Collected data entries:
•••

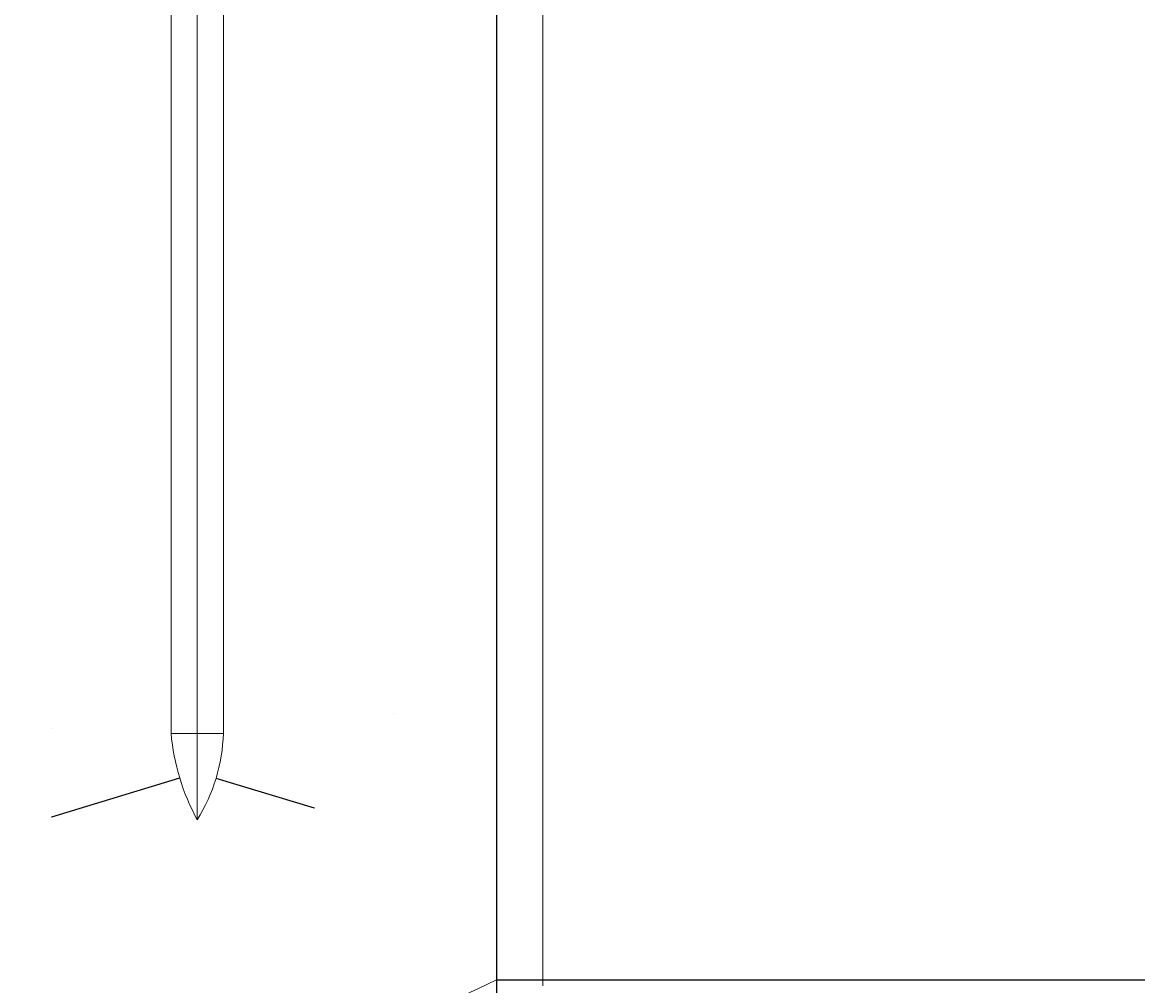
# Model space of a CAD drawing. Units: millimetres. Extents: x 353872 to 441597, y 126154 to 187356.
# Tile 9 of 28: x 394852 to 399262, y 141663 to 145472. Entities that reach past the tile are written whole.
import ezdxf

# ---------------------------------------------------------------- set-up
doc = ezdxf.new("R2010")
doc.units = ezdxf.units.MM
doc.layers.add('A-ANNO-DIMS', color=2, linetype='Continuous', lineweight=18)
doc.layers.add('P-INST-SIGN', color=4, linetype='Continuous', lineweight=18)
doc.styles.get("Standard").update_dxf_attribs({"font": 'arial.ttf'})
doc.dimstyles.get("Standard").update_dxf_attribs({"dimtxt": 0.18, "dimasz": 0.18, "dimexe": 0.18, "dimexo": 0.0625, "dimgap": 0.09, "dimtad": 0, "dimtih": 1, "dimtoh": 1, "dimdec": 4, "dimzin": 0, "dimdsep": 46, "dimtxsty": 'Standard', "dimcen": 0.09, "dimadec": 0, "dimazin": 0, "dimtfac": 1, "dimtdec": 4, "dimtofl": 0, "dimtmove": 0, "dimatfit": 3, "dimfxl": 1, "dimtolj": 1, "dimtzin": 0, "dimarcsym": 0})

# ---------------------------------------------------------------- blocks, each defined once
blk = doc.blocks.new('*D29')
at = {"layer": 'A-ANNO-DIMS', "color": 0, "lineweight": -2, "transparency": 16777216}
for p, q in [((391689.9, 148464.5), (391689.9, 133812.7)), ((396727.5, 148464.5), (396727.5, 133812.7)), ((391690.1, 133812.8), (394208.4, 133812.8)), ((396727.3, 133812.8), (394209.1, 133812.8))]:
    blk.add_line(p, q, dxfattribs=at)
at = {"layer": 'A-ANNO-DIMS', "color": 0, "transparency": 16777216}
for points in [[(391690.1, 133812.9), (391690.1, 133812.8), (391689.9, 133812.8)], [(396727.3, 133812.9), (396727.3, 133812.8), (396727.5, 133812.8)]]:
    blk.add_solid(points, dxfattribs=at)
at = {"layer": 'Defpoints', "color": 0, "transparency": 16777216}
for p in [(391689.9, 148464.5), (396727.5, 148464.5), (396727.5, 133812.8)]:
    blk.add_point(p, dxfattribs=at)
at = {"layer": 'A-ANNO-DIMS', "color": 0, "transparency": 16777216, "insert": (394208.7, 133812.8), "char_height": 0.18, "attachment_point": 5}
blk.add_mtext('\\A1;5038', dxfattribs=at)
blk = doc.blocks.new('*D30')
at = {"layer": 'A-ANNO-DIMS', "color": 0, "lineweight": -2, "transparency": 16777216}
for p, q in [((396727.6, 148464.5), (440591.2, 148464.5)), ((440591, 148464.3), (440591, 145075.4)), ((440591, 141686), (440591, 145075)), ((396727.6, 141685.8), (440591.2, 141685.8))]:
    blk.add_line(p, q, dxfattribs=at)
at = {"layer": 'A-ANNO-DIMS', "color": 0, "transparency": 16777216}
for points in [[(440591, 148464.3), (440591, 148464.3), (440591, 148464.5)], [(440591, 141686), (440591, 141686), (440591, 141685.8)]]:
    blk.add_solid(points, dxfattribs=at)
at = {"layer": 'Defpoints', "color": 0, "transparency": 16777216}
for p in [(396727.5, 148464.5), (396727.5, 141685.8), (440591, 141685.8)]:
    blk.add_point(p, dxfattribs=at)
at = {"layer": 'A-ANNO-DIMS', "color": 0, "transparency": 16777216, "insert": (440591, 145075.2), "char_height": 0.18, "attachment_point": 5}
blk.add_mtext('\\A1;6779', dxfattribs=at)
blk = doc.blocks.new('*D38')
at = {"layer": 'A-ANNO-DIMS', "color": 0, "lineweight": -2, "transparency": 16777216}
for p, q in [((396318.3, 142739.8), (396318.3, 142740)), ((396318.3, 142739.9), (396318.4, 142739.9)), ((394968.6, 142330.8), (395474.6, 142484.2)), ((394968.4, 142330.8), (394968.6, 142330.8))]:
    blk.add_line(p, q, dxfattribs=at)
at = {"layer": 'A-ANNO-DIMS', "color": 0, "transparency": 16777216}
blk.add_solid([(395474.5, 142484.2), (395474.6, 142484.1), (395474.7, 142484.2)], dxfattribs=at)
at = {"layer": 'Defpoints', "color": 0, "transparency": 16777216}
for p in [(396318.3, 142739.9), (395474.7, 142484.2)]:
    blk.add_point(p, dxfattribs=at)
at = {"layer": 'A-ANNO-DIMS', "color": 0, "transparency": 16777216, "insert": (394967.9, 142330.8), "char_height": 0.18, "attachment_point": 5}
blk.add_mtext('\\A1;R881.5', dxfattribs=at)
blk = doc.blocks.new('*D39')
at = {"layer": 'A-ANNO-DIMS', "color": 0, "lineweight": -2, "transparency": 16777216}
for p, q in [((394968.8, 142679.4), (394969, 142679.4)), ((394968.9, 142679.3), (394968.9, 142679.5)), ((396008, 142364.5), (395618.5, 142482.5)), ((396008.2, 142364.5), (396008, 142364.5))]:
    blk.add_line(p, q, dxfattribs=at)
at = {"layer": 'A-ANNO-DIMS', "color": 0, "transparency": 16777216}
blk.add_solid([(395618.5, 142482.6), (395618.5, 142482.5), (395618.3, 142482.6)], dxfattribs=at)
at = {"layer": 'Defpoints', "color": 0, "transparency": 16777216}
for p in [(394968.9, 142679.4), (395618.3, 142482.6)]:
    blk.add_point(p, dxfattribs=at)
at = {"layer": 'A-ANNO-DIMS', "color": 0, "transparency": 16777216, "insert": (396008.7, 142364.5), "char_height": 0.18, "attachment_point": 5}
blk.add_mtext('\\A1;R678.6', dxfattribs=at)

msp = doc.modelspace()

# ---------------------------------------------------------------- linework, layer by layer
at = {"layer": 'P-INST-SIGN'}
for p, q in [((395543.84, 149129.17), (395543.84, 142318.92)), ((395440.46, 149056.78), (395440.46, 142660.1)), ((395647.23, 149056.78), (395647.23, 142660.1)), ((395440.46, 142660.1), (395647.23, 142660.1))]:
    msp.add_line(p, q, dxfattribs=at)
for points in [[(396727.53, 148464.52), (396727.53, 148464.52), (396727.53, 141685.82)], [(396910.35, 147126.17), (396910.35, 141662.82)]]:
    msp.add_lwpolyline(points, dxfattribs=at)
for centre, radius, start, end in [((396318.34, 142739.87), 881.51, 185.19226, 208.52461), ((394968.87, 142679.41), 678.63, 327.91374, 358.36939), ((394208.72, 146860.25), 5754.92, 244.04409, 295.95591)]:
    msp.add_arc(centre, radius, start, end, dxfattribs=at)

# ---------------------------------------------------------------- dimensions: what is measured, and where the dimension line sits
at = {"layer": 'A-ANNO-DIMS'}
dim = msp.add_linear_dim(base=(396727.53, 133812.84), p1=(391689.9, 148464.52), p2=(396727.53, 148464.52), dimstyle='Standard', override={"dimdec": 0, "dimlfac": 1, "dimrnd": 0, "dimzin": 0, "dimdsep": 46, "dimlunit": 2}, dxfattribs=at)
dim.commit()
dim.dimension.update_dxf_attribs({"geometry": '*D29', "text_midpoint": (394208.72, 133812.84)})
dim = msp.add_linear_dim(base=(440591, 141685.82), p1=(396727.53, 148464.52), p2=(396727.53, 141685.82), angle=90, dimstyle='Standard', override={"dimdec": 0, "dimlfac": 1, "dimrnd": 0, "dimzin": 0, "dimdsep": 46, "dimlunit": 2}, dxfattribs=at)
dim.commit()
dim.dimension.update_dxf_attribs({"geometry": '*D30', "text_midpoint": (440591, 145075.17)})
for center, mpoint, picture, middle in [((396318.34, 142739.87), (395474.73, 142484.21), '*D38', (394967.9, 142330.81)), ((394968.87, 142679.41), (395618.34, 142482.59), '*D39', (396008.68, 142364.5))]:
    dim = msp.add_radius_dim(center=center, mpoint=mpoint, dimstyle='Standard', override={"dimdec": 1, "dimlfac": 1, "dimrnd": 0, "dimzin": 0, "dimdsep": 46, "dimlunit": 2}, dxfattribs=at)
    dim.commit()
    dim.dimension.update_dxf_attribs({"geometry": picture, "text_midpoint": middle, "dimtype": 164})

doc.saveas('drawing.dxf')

•••

» Required action:
Lines containing the word "base" must be found in the data above and copied.

» Problem solution:
dim = msp.add_linear_dim(base=(396727.53, 133812.84), p1=(391689.9, 148464.52), p2=(396727.53, 148464.52), dimstyle='Standard', override={"dimdec": 0, "dimlfac": 1, "dimrnd": 0, "dimzin": 0, "dimdsep": 46, "dimlunit": 2}, dxfattribs=at)
dim = msp.add_linear_dim(base=(440591, 141685.82), p1=(396727.53, 148464.52), p2=(396727.53, 141685.82), angle=90, dimstyle='Standard', override={"dimdec": 0, "dimlfac": 1, "dimrnd": 0, "dimzin": 0, "dimdsep": 46, "dimlunit": 2}, dxfattribs=at)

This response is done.